[Data records]
++++++++++++++++++++

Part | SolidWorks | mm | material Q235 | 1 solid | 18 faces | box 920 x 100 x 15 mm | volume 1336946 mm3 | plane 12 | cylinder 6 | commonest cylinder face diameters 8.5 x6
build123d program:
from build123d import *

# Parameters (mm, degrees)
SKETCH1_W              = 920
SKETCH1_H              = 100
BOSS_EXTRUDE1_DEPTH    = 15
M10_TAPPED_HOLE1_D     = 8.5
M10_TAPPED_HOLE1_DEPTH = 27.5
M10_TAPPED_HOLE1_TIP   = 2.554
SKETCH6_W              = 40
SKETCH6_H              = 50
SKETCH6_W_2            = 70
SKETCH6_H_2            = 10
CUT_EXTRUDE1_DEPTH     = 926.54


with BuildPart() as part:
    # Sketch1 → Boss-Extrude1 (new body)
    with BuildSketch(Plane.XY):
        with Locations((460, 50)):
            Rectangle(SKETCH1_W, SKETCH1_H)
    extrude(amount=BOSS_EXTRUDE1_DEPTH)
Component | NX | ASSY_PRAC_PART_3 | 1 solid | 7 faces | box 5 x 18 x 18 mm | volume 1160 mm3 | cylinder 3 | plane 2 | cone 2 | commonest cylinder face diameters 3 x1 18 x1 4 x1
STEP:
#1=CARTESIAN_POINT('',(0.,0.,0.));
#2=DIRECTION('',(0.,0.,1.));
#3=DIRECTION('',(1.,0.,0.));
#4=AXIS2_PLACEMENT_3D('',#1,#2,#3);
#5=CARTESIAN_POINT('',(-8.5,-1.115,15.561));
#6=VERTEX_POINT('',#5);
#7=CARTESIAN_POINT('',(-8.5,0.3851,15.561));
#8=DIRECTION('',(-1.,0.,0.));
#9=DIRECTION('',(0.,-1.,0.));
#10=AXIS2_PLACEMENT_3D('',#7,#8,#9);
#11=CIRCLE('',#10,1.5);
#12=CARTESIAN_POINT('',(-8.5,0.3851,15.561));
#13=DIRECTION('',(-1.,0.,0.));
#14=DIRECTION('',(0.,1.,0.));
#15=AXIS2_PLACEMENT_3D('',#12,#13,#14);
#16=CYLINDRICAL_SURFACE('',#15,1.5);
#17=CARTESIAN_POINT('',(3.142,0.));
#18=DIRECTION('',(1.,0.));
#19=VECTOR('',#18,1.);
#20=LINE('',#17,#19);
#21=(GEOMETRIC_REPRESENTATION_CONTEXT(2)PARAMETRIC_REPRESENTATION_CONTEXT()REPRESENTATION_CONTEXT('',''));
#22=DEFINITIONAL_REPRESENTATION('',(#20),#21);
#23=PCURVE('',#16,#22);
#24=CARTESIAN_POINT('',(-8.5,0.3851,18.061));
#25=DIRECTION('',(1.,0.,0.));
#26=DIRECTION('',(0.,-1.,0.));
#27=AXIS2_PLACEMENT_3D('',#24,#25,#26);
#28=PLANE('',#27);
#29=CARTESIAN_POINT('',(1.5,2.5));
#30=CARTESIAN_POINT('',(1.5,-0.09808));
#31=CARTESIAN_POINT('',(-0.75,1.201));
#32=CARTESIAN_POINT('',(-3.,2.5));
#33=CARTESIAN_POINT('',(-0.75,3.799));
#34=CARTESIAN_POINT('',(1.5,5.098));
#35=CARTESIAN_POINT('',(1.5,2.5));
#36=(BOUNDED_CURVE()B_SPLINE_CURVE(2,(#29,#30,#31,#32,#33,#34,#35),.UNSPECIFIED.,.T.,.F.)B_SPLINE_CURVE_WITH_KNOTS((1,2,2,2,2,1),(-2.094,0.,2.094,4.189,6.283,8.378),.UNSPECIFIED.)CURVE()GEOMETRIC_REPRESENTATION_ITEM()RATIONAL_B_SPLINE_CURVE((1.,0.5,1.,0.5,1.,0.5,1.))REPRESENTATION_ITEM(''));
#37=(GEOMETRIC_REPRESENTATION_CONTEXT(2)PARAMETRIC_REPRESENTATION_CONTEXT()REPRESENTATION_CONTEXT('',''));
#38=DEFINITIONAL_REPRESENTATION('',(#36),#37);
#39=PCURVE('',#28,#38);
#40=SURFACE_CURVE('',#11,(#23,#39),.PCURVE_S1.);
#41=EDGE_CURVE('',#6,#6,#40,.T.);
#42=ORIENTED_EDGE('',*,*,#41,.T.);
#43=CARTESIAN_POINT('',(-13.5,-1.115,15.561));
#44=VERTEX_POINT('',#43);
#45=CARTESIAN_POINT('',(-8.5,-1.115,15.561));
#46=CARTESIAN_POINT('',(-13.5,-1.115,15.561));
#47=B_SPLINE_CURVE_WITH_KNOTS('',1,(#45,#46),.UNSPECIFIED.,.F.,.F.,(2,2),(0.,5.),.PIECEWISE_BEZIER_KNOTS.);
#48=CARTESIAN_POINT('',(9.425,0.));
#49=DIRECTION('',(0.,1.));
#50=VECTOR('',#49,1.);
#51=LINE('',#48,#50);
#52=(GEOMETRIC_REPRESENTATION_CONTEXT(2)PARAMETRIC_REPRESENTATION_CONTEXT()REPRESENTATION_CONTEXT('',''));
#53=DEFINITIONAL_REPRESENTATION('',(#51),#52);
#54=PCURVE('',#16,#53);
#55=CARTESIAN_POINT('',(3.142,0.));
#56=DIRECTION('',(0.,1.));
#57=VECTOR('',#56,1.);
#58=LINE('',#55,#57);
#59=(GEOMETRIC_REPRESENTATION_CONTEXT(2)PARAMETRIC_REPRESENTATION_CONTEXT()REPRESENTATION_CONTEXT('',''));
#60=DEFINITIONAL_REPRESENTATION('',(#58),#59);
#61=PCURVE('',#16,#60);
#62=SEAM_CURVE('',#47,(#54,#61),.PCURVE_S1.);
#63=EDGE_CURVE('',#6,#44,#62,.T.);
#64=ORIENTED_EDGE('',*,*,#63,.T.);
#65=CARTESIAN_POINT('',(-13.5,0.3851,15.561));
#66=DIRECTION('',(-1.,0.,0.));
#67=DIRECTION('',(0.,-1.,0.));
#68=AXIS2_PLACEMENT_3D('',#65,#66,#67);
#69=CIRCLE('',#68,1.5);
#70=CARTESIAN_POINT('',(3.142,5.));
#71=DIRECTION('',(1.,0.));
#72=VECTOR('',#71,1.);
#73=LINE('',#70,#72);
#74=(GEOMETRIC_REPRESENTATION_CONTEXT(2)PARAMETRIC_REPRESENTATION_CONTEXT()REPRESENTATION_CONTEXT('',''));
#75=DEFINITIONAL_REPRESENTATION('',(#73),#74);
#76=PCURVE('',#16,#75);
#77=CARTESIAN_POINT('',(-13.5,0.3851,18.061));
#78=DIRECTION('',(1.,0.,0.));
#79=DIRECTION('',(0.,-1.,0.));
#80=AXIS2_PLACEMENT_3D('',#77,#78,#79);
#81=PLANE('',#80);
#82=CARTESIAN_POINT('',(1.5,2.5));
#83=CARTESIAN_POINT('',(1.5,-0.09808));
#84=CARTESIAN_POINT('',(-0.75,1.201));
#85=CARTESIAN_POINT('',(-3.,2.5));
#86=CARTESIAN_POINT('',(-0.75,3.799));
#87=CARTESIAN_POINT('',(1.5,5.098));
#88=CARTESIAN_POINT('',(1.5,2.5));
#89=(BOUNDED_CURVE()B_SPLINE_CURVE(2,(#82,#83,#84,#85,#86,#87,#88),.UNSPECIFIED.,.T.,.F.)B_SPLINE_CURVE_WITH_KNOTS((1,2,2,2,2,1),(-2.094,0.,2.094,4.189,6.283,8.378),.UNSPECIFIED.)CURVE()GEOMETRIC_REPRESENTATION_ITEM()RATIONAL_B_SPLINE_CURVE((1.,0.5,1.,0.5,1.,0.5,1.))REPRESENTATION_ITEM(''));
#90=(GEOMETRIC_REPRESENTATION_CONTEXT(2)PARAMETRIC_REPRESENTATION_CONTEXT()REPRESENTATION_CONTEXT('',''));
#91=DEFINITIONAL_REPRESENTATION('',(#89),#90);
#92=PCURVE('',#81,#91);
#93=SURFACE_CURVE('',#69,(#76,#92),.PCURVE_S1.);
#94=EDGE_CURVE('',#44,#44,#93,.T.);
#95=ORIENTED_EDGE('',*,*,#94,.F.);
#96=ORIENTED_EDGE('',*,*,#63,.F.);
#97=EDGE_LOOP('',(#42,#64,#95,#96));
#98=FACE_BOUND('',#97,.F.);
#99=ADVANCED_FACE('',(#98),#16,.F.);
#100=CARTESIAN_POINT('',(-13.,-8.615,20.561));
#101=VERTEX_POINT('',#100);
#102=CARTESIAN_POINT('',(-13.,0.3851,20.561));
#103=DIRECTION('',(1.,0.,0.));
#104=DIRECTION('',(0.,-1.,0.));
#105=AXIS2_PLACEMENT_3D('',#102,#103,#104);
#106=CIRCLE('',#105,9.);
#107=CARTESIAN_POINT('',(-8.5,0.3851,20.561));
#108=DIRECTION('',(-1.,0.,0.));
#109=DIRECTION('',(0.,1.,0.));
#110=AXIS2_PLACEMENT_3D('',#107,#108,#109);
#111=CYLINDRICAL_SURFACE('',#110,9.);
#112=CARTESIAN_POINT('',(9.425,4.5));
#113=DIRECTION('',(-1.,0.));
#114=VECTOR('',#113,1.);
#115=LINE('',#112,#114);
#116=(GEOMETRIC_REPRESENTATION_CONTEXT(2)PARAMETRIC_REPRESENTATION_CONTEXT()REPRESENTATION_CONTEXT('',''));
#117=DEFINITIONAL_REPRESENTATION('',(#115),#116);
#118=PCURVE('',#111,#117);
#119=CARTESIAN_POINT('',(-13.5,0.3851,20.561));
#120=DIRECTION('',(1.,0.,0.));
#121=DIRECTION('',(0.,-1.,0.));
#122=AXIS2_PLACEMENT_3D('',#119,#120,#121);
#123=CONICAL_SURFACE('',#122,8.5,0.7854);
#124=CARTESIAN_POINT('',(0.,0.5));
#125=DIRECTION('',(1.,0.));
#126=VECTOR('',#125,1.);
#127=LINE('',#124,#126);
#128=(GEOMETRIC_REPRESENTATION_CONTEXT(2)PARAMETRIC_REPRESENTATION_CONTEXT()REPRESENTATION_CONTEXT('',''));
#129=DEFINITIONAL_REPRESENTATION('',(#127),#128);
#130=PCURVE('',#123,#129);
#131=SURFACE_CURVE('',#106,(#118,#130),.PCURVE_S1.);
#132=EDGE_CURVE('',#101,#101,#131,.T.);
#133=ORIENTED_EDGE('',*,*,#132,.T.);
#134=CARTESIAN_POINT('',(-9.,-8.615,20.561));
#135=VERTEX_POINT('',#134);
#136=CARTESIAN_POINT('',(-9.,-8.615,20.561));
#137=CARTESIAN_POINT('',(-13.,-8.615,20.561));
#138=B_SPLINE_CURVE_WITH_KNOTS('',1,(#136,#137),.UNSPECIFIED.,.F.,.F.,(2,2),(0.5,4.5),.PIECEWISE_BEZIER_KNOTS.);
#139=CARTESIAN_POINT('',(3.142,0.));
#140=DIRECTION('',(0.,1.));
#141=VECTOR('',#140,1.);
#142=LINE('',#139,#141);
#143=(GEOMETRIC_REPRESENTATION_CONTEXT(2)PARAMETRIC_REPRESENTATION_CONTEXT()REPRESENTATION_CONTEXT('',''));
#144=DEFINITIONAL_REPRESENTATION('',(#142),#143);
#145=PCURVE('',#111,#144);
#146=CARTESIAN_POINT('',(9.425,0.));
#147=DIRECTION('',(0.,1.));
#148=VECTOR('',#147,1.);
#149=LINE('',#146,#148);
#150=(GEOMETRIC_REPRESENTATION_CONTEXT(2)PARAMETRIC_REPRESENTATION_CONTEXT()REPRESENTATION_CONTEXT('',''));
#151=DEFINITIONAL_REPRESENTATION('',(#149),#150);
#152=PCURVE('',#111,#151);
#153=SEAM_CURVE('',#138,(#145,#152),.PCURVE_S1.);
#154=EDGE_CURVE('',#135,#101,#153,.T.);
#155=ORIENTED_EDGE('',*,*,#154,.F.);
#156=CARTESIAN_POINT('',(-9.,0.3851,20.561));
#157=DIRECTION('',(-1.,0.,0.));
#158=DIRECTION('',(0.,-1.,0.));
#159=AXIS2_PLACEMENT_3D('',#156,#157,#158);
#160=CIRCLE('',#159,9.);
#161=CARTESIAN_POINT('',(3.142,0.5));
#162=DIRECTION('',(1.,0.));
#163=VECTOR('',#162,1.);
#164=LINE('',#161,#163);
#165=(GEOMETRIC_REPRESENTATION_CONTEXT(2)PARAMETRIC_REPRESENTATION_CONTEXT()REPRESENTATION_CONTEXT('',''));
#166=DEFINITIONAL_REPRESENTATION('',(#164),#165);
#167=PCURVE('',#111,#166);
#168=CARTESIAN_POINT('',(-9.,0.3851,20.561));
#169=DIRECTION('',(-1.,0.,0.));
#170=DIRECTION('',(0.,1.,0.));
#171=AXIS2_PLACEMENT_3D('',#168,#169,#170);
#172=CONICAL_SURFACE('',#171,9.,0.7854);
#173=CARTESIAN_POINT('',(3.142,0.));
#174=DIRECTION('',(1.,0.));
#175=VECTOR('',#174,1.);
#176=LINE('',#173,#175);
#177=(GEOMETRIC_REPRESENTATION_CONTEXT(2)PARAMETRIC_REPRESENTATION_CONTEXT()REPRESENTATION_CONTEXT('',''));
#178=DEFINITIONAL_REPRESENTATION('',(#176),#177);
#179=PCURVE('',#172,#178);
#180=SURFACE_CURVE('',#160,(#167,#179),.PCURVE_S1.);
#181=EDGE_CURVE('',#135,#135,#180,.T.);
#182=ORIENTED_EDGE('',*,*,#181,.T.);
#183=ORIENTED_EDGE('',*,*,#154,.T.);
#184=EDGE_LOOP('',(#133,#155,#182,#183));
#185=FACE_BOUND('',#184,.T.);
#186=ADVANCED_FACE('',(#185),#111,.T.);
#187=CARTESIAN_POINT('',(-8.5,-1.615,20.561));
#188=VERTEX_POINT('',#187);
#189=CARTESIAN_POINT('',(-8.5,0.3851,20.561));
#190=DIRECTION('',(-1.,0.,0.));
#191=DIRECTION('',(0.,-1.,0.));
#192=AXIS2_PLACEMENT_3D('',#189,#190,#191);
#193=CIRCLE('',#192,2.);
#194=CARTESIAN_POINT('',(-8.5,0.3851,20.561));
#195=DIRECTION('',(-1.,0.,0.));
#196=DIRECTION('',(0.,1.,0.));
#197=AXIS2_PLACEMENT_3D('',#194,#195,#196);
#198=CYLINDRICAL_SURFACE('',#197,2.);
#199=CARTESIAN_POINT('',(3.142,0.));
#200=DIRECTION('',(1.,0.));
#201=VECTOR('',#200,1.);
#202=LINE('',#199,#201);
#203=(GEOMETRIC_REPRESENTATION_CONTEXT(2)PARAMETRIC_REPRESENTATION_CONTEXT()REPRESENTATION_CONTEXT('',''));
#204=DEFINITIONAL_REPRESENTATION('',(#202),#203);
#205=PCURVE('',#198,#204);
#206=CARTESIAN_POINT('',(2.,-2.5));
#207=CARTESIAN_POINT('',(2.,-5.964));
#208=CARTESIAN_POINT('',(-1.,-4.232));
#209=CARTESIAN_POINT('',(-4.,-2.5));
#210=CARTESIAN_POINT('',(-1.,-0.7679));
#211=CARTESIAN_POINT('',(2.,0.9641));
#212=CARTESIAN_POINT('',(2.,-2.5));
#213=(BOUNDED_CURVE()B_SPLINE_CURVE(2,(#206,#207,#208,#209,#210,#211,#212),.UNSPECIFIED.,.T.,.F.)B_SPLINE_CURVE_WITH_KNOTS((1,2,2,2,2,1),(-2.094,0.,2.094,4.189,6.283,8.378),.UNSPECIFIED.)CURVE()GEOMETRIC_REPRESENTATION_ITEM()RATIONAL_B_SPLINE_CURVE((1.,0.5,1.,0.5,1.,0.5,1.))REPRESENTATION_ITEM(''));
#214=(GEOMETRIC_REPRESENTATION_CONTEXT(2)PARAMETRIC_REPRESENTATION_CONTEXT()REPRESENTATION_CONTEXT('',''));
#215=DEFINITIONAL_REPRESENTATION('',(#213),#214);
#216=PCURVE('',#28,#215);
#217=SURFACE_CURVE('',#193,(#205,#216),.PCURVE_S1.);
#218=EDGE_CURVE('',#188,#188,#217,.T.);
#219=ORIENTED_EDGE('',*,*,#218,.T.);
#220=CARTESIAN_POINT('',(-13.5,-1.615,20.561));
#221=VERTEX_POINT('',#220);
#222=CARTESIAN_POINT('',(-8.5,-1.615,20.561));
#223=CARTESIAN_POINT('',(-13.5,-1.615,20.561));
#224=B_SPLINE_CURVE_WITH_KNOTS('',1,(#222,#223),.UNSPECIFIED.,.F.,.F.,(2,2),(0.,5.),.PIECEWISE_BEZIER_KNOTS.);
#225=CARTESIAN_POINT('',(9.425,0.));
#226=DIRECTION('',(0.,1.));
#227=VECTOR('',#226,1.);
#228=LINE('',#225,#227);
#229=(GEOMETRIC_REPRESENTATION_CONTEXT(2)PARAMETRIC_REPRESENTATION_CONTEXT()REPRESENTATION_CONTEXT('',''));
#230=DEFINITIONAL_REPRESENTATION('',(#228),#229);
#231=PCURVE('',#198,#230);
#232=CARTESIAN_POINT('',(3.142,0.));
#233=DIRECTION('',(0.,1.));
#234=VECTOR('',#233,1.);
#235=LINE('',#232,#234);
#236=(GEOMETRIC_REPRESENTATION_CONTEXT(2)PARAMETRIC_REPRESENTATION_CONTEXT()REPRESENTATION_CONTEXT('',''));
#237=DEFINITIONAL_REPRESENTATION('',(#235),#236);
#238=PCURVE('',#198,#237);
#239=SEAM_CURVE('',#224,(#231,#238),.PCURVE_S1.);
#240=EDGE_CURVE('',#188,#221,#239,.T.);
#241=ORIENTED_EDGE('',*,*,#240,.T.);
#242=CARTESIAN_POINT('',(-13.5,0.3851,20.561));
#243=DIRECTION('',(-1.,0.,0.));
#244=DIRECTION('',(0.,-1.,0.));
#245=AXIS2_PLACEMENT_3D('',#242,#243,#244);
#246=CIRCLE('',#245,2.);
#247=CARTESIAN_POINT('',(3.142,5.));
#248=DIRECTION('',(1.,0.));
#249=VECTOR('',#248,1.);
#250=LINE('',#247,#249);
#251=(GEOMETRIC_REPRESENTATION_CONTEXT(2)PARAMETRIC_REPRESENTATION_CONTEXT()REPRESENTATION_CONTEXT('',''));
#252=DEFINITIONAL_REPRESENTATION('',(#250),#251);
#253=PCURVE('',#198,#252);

++++++++++++++++++++

▶ _Exercise aim_
Take the line above containing "#204=DEFINITIONAL_REPRESENTATION('',(#202),#203);", the line containing "#210=CARTESIAN_POINT('',(-1.,-0.7679));", and all lines in between, and copy them exactly without anything else.

▶ _Exercise result_
#204=DEFINITIONAL_REPRESENTATION('',(#202),#203);
#205=PCURVE('',#198,#204);
#206=CARTESIAN_POINT('',(2.,-2.5));
#207=CARTESIAN_POINT('',(2.,-5.964));
#208=CARTESIAN_POINT('',(-1.,-4.232));
#209=CARTESIAN_POINT('',(-4.,-2.5));
#210=CARTESIAN_POINT('',(-1.,-0.7679));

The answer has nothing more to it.